■ EXERCISE ■
Each line of the records containing "DOOR" is to be copied out and returned.

[Data items]
═══

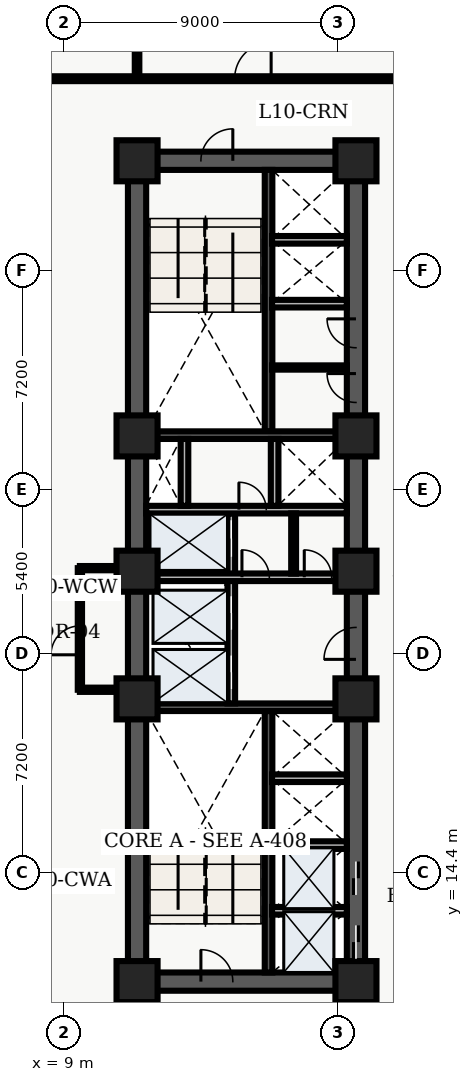
"""IFC4 building model, lengths in metres.
Left out: names, types, materials, properties, quantities, classifications, styles, units other than length and angle.
Written with IfcOpenShell. Run it as: python <this file> out.ifc"""

import sys

from ifc_helpers import new_model, entity, si_unit, converted_unit, direction, frame, origin_with_axes, origin_2d_with_axis, place, context, subcontext, project, spatial, polyline, rectangle, outline, extrude, element, fill, save


model = new_model("IFC4")
c1 = context("Model", 3, precision=1e-05, world=origin_with_axes(), true_north=direction((0.0, 1.0)))
c2 = subcontext(c1, "Body", "Model", "MODEL_VIEW")
j1 = project(units=[si_unit("LENGTHUNIT", "METRE"), converted_unit("PLANEANGLEUNIT", "DEGREE", entity("IfcPlaneAngleMeasure", 0.017), si_unit("PLANEANGLEUNIT", "RADIAN"), dimensions=[0, 0, 0, 0, 0, 0, 0])], contexts=[c1])
p1 = place(None, origin_with_axes())
s1 = spatial("IfcSite", under=j1, at=p1, CompositionType="ELEMENT")
p2 = place(p1, origin_with_axes())
s2 = spatial("IfcBuilding", under=s1, at=p2, CompositionType="ELEMENT")
p3 = place(p2, frame((0.0, 0.0, 44.4), z_axis=(0.0, 0.0, 1.0), x_axis=(1.0, 0.0, 0.0)))
s3 = spatial("IfcBuildingStorey", under=s2, at=p3, CompositionType="ELEMENT", Elevation=44.4)
p4 = place(p3, frame((11.4, 10.8, 0.0), z_axis=(0.0, 0.0, 1.0), x_axis=(0.0, 1.0, 0.0)))
e1 = element("IfcWall", 1, at=p4, inside=s3, PredefinedType="SHEAR", context=c2, shape_type="SweptSolid", body=[
    extrude(outline(polyline([(0.0, -0.3), (27.0, -0.3), (27.0, 0.3), (0.0, 0.3), (0.0, -0.3)])), origin_with_axes(), (0.0, 0.0, 1.0), 3.66),
])
p5 = place(p3, frame((11.4, 10.8, 0.0), z_axis=(0.0, 0.0, 1.0), x_axis=(1.0, 0.0, 0.0)))
e2 = element("IfcWall", 2, at=p5, inside=s3, PredefinedType="SHEAR", context=c2, shape_type="SweptSolid", body=[
    extrude(outline(polyline([(0.0, -0.3), (7.2, -0.3), (7.2, 0.3), (0.0, 0.3), (0.0, -0.3)])), origin_with_axes(), (0.0, 0.0, 1.0), 3.66),
])
p6 = place(p5, frame((2.625, 0.0, 0.0), z_axis=(0.0, 0.0, 1.0), x_axis=(1.0, 0.0, 0.0)))
e3 = element("IfcOpeningElement", 3, at=p6, cuts=e2, PredefinedType="OPENING", context=c2, shape_type="SweptSolid", body=[
    extrude(rectangle(XDim=1.05, YDim=0.62, at=origin_2d_with_axis()), origin_with_axes(), (0.0, 0.0, 1.0), 2.15),
])
p7 = place(p3, frame((11.4, 37.8, 0.0), z_axis=(0.0, 0.0, 1.0), x_axis=(1.0, 0.0, 0.0)))
e4 = element("IfcWall", 4, at=p7, inside=s3, PredefinedType="SHEAR", context=c2, shape_type="SweptSolid", body=[
    extrude(outline(polyline([(0.0, -0.3), (7.2, -0.3), (7.2, 0.3), (0.0, 0.3), (0.0, -0.3)])), origin_with_axes(), (0.0, 0.0, 1.0), 3.66),
])
p8 = place(p7, frame((2.625, 0.0, 0.0), z_axis=(0.0, 0.0, 1.0), x_axis=(1.0, 0.0, 0.0)))
e5 = element("IfcOpeningElement", 5, at=p8, cuts=e4, PredefinedType="OPENING", context=c2, shape_type="SweptSolid", body=[
    extrude(rectangle(XDim=1.05, YDim=0.62, at=origin_2d_with_axis()), origin_with_axes(), (0.0, 0.0, 1.0), 2.15),
])
p9 = place(p3, frame((18.6, 10.8, 0.0), z_axis=(0.0, 0.0, 1.0), x_axis=(0.0, 1.0, 0.0)))
e6 = element("IfcWall", 6, at=p9, inside=s3, PredefinedType="SHEAR", context=c2, shape_type="SweptSolid", body=[
    extrude(outline(polyline([(0.0, -0.3), (13.5, -0.3), (13.5, 0.3), (0.0, 0.3), (0.0, -0.3)])), origin_with_axes(), (0.0, 0.0, 1.0), 3.66),
])
p10 = place(p9, frame((1.3, 0.0, 0.0), z_axis=(0.0, 0.0, 1.0), x_axis=(1.0, 0.0, 0.0)))
e7 = element("IfcOpeningElement", 7, at=p10, cuts=e6, PredefinedType="OPENING", context=c2, shape_type="SweptSolid", body=[
    extrude(rectangle(XDim=1.1, YDim=0.62, at=origin_2d_with_axis()), origin_with_axes(), (0.0, 0.0, 1.0), 2.15),
])
p11 = place(p9, frame((3.4, 0.0, 0.0), z_axis=(0.0, 0.0, 1.0), x_axis=(1.0, 0.0, 0.0)))
e8 = element("IfcOpeningElement", 8, at=p11, cuts=e6, PredefinedType="OPENING", context=c2, shape_type="SweptSolid", body=[
    extrude(rectangle(XDim=1.1, YDim=0.62, at=origin_2d_with_axis()), origin_with_axes(), (0.0, 0.0, 1.0), 2.15),
])
p12 = place(p9, frame((11.125, 0.0, 0.0), z_axis=(0.0, 0.0, 1.0), x_axis=(1.0, 0.0, 0.0)))
e9 = element("IfcOpeningElement", 9, at=p12, cuts=e6, PredefinedType="OPENING", context=c2, shape_type="SweptSolid", body=[
    extrude(rectangle(XDim=1.05, YDim=0.62, at=origin_2d_with_axis()), origin_with_axes(), (0.0, 0.0, 1.0), 2.15),
])
p13 = place(p3, frame((18.6, 24.3, 0.0), z_axis=(0.0, 0.0, 1.0), x_axis=(0.0, 1.0, 0.0)))
e10 = element("IfcWall", 10, at=p13, inside=s3, PredefinedType="SHEAR", context=c2, shape_type="SweptSolid", body=[
    extrude(outline(polyline([(0.0, -0.3), (13.5, -0.3), (13.5, 0.3), (0.0, 0.3), (0.0, -0.3)])), origin_with_axes(), (0.0, 0.0, 1.0), 3.66),
])
p14 = place(p13, frame((6.025, 0.0, 0.0), z_axis=(0.0, 0.0, 1.0), x_axis=(1.0, 0.0, 0.0)))
e11 = element("IfcOpeningElement", 11, at=p14, cuts=e10, PredefinedType="OPENING", context=c2, shape_type="SweptSolid", body=[
    extrude(rectangle(XDim=0.95, YDim=0.62, at=origin_2d_with_axis()), origin_with_axes(), (0.0, 0.0, 1.0), 2.15),
])
p15 = place(p13, frame((7.825, 0.0, 0.0), z_axis=(0.0, 0.0, 1.0), x_axis=(1.0, 0.0, 0.0)))
e12 = element("IfcOpeningElement", 12, at=p15, cuts=e10, PredefinedType="OPENING", context=c2, shape_type="SweptSolid", body=[
    extrude(rectangle(XDim=0.95, YDim=0.62, at=origin_2d_with_axis()), origin_with_axes(), (0.0, 0.0, 1.0), 2.15),
])
p16 = place(p3, frame((15.725, 11.1, 0.0), z_axis=(0.0, 0.0, 1.0), x_axis=(0.0, 1.0, 0.0)))
e13 = element("IfcWall", 13, at=p16, inside=s3, PredefinedType="SHEAR", context=c2, shape_type="SweptSolid", body=[
    extrude(outline(polyline([(0.0, -0.125), (8.6, -0.125), (8.6, 0.125), (0.0, 0.125), (0.0, -0.125)])), origin_with_axes(), (0.0, 0.0, 1.0), 3.66),
])
p17 = place(p3, frame((11.7, 19.825, 0.0), z_axis=(0.0, 0.0, 1.0), x_axis=(1.0, 0.0, 0.0)))
e14 = element("IfcWall", 14, at=p17, inside=s3, PredefinedType="SHEAR", context=c2, shape_type="SweptSolid", body=[
    extrude(outline(polyline([(0.0, -0.125), (6.6, -0.125), (6.6, 0.125), (0.0, 0.125), (0.0, -0.125)])), origin_with_axes(), (0.0, 0.0, 1.0), 3.66),
])
p18 = place(p3, frame((15.725, 28.9, 0.0), z_axis=(0.0, 0.0, 1.0), x_axis=(0.0, 1.0, 0.0)))
e15 = element("IfcWall", 15, at=p18, inside=s3, PredefinedType="SHEAR", context=c2, shape_type="SweptSolid", body=[
    extrude(outline(polyline([(0.0, -0.125), (8.6, -0.125), (8.6, 0.125), (0.0, 0.125), (0.0, -0.125)])), origin_with_axes(), (0.0, 0.0, 1.0), 3.66),
])
p19 = place(p3, frame((11.7, 28.775, 0.0), z_axis=(0.0, 0.0, 1.0), x_axis=(1.0, 0.0, 0.0)))
e16 = element("IfcWall", 16, at=p19, inside=s3, PredefinedType="SHEAR", context=c2, shape_type="SweptSolid", body=[
    extrude(outline(polyline([(0.0, -0.125), (6.6, -0.125), (6.6, 0.125), (0.0, 0.125), (0.0, -0.125)])), origin_with_axes(), (0.0, 0.0, 1.0), 3.66),
])
p20 = place(p3, frame((14.5, 19.95, 0.0), z_axis=(0.0, 0.0, 1.0), x_axis=(0.0, 1.0, 0.0)))
e17 = element("IfcWall", 17, at=p20, inside=s3, PredefinedType="SOLIDWALL", context=c2, shape_type="SweptSolid", body=[
    extrude(outline(polyline([(0.0, -0.125), (6.25, -0.125), (6.25, 0.125), (0.0, 0.125), (0.0, -0.125)])), origin_with_axes(), (0.0, 0.0, 1.0), 2.7),
])
p21 = place(p20, frame((1.025, 0.0, 0.0), z_axis=(0.0, 0.0, 1.0), x_axis=(1.0, 0.0, 0.0)))
e18 = element("IfcOpeningElement", 18, at=p21, cuts=e17, PredefinedType="OPENING", context=c2, shape_type="SweptSolid", body=[
    extrude(rectangle(XDim=1.1, YDim=0.27, at=origin_2d_with_axis()), origin_with_axes(), (0.0, 0.0, 1.0), 2.15),
])
p22 = place(p20, frame((2.975, 0.0, 0.0), z_axis=(0.0, 0.0, 1.0), x_axis=(1.0, 0.0, 0.0)))
e19 = element("IfcOpeningElement", 19, at=p22, cuts=e17, PredefinedType="OPENING", context=c2, shape_type="SweptSolid", body=[
    extrude(rectangle(XDim=1.1, YDim=0.27, at=origin_2d_with_axis()), origin_with_axes(), (0.0, 0.0, 1.0), 2.15),
])
p23 = place(p20, frame((5.425, 0.0, 0.0), z_axis=(0.0, 0.0, 1.0), x_axis=(1.0, 0.0, 0.0)))
e20 = element("IfcOpeningElement", 20, at=p23, cuts=e17, PredefinedType="OPENING", context=c2, shape_type="SweptSolid", body=[
    extrude(rectangle(XDim=1.2, YDim=0.27, at=origin_2d_with_axis()), origin_with_axes(), (0.0, 0.0, 1.0), 2.15),
])
p24 = place(p3, frame((11.7, 24.1, 0.0), z_axis=(0.0, 0.0, 1.0), x_axis=(1.0, 0.0, 0.0)))
e21 = element("IfcWall", 21, at=p24, inside=s3, PredefinedType="SOLIDWALL", context=c2, shape_type="SweptSolid", body=[
    extrude(outline(polyline([(0.0, -0.125), (6.6, -0.125), (6.6, 0.125), (0.0, 0.125), (0.0, -0.125)])), origin_with_axes(), (0.0, 0.0, 1.0), 2.7),
])
p25 = place(p24, frame((3.6, 0.0, 0.0), z_axis=(0.0, 0.0, 1.0), x_axis=(1.0, 0.0, 0.0)))
e22 = element("IfcOpeningElement", 22, at=p25, cuts=e21, PredefinedType="OPENING", context=c2, shape_type="SweptSolid", body=[
    extrude(rectangle(XDim=0.9, YDim=0.27, at=origin_2d_with_axis()), origin_with_axes(), (0.0, 0.0, 1.0), 2.15),
])
p26 = place(p24, frame((5.65, 0.0, 0.0), z_axis=(0.0, 0.0, 1.0), x_axis=(1.0, 0.0, 0.0)))
e23 = element("IfcOpeningElement", 23, at=p26, cuts=e21, PredefinedType="OPENING", context=c2, shape_type="SweptSolid", body=[
    extrude(rectangle(XDim=0.9, YDim=0.27, at=origin_2d_with_axis()), origin_with_axes(), (0.0, 0.0, 1.0), 2.15),
])
p27 = place(p3, frame((11.7, 26.325, 0.0), z_axis=(0.0, 0.0, 1.0), x_axis=(1.0, 0.0, 0.0)))
e24 = element("IfcWall", 24, at=p27, inside=s3, PredefinedType="SOLIDWALL", context=c2, shape_type="SweptSolid", body=[
    extrude(outline(polyline([(0.0, -0.125), (6.6, -0.125), (6.6, 0.125), (0.0, 0.125), (0.0, -0.125)])), origin_with_axes(), (0.0, 0.0, 1.0), 2.7),
])
p28 = place(p27, frame((3.5, 0.0, 0.0), z_axis=(0.0, 0.0, 1.0), x_axis=(1.0, 0.0, 0.0)))
e25 = element("IfcOpeningElement", 25, at=p28, cuts=e24, PredefinedType="OPENING", context=c2, shape_type="SweptSolid", body=[
    extrude(rectangle(XDim=0.9, YDim=0.27, at=origin_2d_with_axis()), origin_with_axes(), (0.0, 0.0, 1.0), 2.15),
])
for number, where, z_axis, x_axis in (
    (26, (12.96, 26.45, 0.0), (0.0, 0.0, 1.0), (0.0, 1.0, 0.0)),
    (27, (15.925, 26.45, 0.0), (0.0, 0.0, 1.0), (0.0, 1.0, 0.0)),
):
    element("IfcWall", number, at=place(p3, frame(where, z_axis=z_axis, x_axis=x_axis)), inside=s3, PredefinedType="SOLIDWALL", context=c2, shape_type="SweptSolid", body=[
        extrude(outline(polyline([(0.0, -0.125), (2.2, -0.125), (2.2, 0.125), (0.0, 0.125), (0.0, -0.125)])), origin_with_axes(), (0.0, 0.0, 1.0), 2.7),
    ])
for number, where, z_axis, x_axis in (
    (28, (11.4, 10.8, 0.0), (0.0, 0.0, 1.0), (1.0, 0.0, 0.0)),
    (29, (11.4, 20.1, 0.0), (0.0, 0.0, 1.0), (1.0, 0.0, 0.0)),
    (30, (11.4, 24.3, 0.0), (0.0, 0.0, 1.0), (1.0, 0.0, 0.0)),
    (31, (11.4, 28.75, 0.0), (0.0, 0.0, 1.0), (1.0, 0.0, 0.0)),
    (32, (11.4, 37.8, 0.0), (0.0, 0.0, 1.0), (1.0, 0.0, 0.0)),
    (33, (18.6, 10.8, 0.0), (0.0, 0.0, 1.0), (1.0, 0.0, 0.0)),
    (34, (18.6, 20.1, 0.0), (0.0, 0.0, 1.0), (1.0, 0.0, 0.0)),
    (35, (18.6, 24.3, 0.0), (0.0, 0.0, 1.0), (1.0, 0.0, 0.0)),
    (36, (18.6, 28.75, 0.0), (0.0, 0.0, 1.0), (1.0, 0.0, 0.0)),
    (37, (18.6, 37.8, 0.0), (0.0, 0.0, 1.0), (1.0, 0.0, 0.0)),
):
    element("IfcColumn", number, at=place(p3, frame(where, z_axis=z_axis, x_axis=x_axis)), inside=s3, PredefinedType="COLUMN", context=c2, shape_type="SweptSolid", body=[
        extrude(rectangle(XDim=1.35, YDim=1.35, at=origin_2d_with_axis()), origin_with_axes(), (0.0, 0.0, 1.0), 3.9),
    ])
p29 = place(p3, frame((16.55, 24.22, 0.0), z_axis=(0.0, 0.0, 1.0), x_axis=(0.0, 1.0, 0.0)))
e38 = element("IfcWall", 38, at=p29, inside=s3, PredefinedType="PARTITIONING", context=c2, shape_type="SweptSolid", body=[
    extrude(outline(polyline([(0.0, -0.08), (1.98, -0.08), (1.98, 0.08), (0.0, 0.08), (0.0, -0.08)])), origin_with_axes(), (0.0, 0.0, 1.0), 2.7),
])
for number, where, z_axis, x_axis in (
    (39, (15.84, 13.13, 0.0), (0.0, 0.0, 1.0), (1.0, 0.0, 0.0)),
    (40, (15.84, 15.29, 0.0), (0.0, 0.0, 1.0), (1.0, 0.0, 0.0)),
    (41, (15.84, 17.49, 0.0), (0.0, 0.0, 1.0), (1.0, 0.0, 0.0)),
    (42, (15.84, 33.1, 0.0), (0.0, 0.0, 1.0), (1.0, 0.0, 0.0)),
    (43, (15.84, 35.2, 0.0), (0.0, 0.0, 1.0), (1.0, 0.0, 0.0)),
):
    element("IfcWall", number, at=place(p3, frame(where, z_axis=z_axis, x_axis=x_axis)), inside=s3, PredefinedType="SOLIDWALL", context=c2, shape_type="SweptSolid", body=[
        extrude(outline(polyline([(0.0, -0.125), (2.46, -0.125), (2.46, 0.125), (0.0, 0.125), (0.0, -0.125)])), origin_with_axes(), (0.0, 0.0, 1.0), 2.7),
    ])
p30 = place(p3, frame((15.84, 31.0, 0.0), z_axis=(0.0, 0.0, 1.0), x_axis=(1.0, 0.0, 0.0)))
e44 = element("IfcWall", 44, at=p30, inside=s3, PredefinedType="PARTITIONING", context=c2, shape_type="SweptSolid", body=[
    extrude(outline(polyline([(0.0, -0.07), (2.46, -0.07), (2.46, 0.07), (0.0, 0.07), (0.0, -0.07)])), origin_with_axes(), (0.0, 0.0, 1.0), 2.7),
])
p31 = place(p3, frame((9.52, 20.4, 0.0), z_axis=(0.0, 0.0, 1.0), x_axis=(0.0, 1.0, 0.0)))
e45 = element("IfcWall", 45, at=p31, inside=s3, PredefinedType="PARTITIONING", context=c2, shape_type="SweptSolid", body=[
    extrude(outline(polyline([(0.0, -0.07), (4.0, -0.07), (4.0, 0.07), (0.0, 0.07), (0.0, -0.07)])), origin_with_axes(), (0.0, 0.0, 1.0), 2.7),
])
p32 = place(p31, frame((1.625, 0.0, 0.0), z_axis=(0.0, 0.0, 1.0), x_axis=(1.0, 0.0, 0.0)))
e46 = element("IfcOpeningElement", 46, at=p32, cuts=e45, PredefinedType="OPENING", context=c2, shape_type="SweptSolid", body=[
    extrude(rectangle(XDim=0.95, YDim=0.16, at=origin_2d_with_axis()), origin_with_axes(), (0.0, 0.0, 1.0), 2.15),
])
for number, where, z_axis, x_axis in (
    (47, (9.52, 20.4, 0.0), (0.0, 0.0, 1.0), (1.0, 0.0, 0.0)),
    (48, (9.52, 24.4, 0.0), (0.0, 0.0, 1.0), (1.0, 0.0, 0.0)),
):
    element("IfcWall", number, at=place(p3, frame(where, z_axis=z_axis, x_axis=x_axis)), inside=s3, PredefinedType="PARTITIONING", context=c2, shape_type="SweptSolid", body=[
        extrude(outline(polyline([(0.0, -0.07), (1.58, -0.07), (1.58, 0.07), (0.0, 0.07), (0.0, -0.07)])), origin_with_axes(), (0.0, 0.0, 1.0), 2.7),
    ])
p33 = place(p3, frame((2.6, 40.5, 0.0), z_axis=(0.0, 0.0, 1.0), x_axis=(1.0, 0.0, 0.0)))
e49 = element("IfcWall", 49, at=p33, inside=s3, PredefinedType="PARTITIONING", context=c2, shape_type="SweptSolid", body=[
    extrude(outline(polyline([(0.0, -0.08), (18.65, -0.08), (18.65, 0.08), (0.0, 0.08), (0.0, -0.08)])), origin_with_axes(), (0.0, 0.0, 1.0), 2.7),
])
p34 = place(p33, frame((5.275, 0.0, 0.0), z_axis=(0.0, 0.0, 1.0), x_axis=(1.0, 0.0, 0.0)))
e50 = element("IfcOpeningElement", 50, at=p34, cuts=e49, PredefinedType="OPENING", context=c2, shape_type="SweptSolid", body=[
    extrude(rectangle(XDim=1.0, YDim=0.18, at=origin_2d_with_axis()), origin_with_axes(), (0.0, 0.0, 1.0), 2.15),
])
p35 = place(p33, frame((12.61, 0.0, 0.0), z_axis=(0.0, 0.0, 1.0), x_axis=(1.0, 0.0, 0.0)))
e51 = element("IfcOpeningElement", 51, at=p35, cuts=e49, PredefinedType="OPENING", context=c2, shape_type="SweptSolid", body=[
    extrude(rectangle(XDim=1.2, YDim=0.18, at=origin_2d_with_axis()), origin_with_axes(), (0.0, 0.0, 1.0), 2.2),
])
p36 = place(p3, frame((11.4, 40.6, 0.0), z_axis=(0.0, 0.0, 1.0), x_axis=(0.0, 1.0, 0.0)))
e52 = element("IfcWall", 52, at=p36, inside=s3, PredefinedType="PARTITIONING", context=c2, shape_type="SweptSolid", body=[
    extrude(outline(polyline([(0.0, -0.075), (7.64, -0.075), (7.64, 0.075), (0.0, 0.075), (0.0, -0.075)])), origin_with_axes(), (0.0, 0.0, 1.0), 2.7),
])
p37 = place(p9, frame((1.3, 0.0, 0.0), z_axis=(0.0, 0.0, 1.0), x_axis=(1.0, 0.0, 0.0)))
e53 = element("IfcDoor", 53, at=p37, inside=s3, OperationType="SLIDING_TO_LEFT", PredefinedType="DOOR", context=c2, shape_type="SweptSolid", body=[
    extrude(rectangle(XDim=1.1, YDim=0.09, at=origin_2d_with_axis()), origin_with_axes(), (0.0, 0.0, 1.0), 2.15),
])
fill(e7, e53)
p38 = place(p9, frame((3.4, 0.0, 0.0), z_axis=(0.0, 0.0, 1.0), x_axis=(1.0, 0.0, 0.0)))
e54 = element("IfcDoor", 54, at=p38, inside=s3, OperationType="SLIDING_TO_RIGHT", PredefinedType="DOOR", context=c2, shape_type="SweptSolid", body=[
    extrude(rectangle(XDim=1.1, YDim=0.09, at=origin_2d_with_axis()), origin_with_axes(), (0.0, 0.0, 1.0), 2.15),
])
fill(e8, e54)
p39 = place(p20, frame((1.025, 0.0, 0.0), z_axis=(0.0, 0.0, 1.0), x_axis=(1.0, 0.0, 0.0)))
e55 = element("IfcDoor", 55, at=p39, inside=s3, OperationType="SLIDING_TO_LEFT", PredefinedType="DOOR", context=c2, shape_type="SweptSolid", body=[
    extrude(rectangle(XDim=1.1, YDim=0.09, at=origin_2d_with_axis()), origin_with_axes(), (0.0, 0.0, 1.0), 2.15),
])
fill(e18, e55)
p40 = place(p20, frame((2.975, 0.0, 0.0), z_axis=(0.0, 0.0, 1.0), x_axis=(1.0, 0.0, 0.0)))
e56 = element("IfcDoor", 56, at=p40, inside=s3, OperationType="SLIDING_TO_RIGHT", PredefinedType="DOOR", context=c2, shape_type="SweptSolid", body=[
    extrude(rectangle(XDim=1.1, YDim=0.09, at=origin_2d_with_axis()), origin_with_axes(), (0.0, 0.0, 1.0), 2.15),
])
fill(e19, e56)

═══

■ PROBLEM SOLUTION ■
e53 = element("IfcDoor", 53, at=p37, inside=s3, OperationType="SLIDING_TO_LEFT", PredefinedType="DOOR", context=c2, shape_type="SweptSolid", body=[
e54 = element("IfcDoor", 54, at=p38, inside=s3, OperationType="SLIDING_TO_RIGHT", PredefinedType="DOOR", context=c2, shape_type="SweptSolid", body=[
e55 = element("IfcDoor", 55, at=p39, inside=s3, OperationType="SLIDING_TO_LEFT", PredefinedType="DOOR", context=c2, shape_type="SweptSolid", body=[
e56 = element("IfcDoor", 56, at=p40, inside=s3, OperationType="SLIDING_TO_RIGHT", PredefinedType="DOOR", context=c2, shape_type="SweptSolid", body=[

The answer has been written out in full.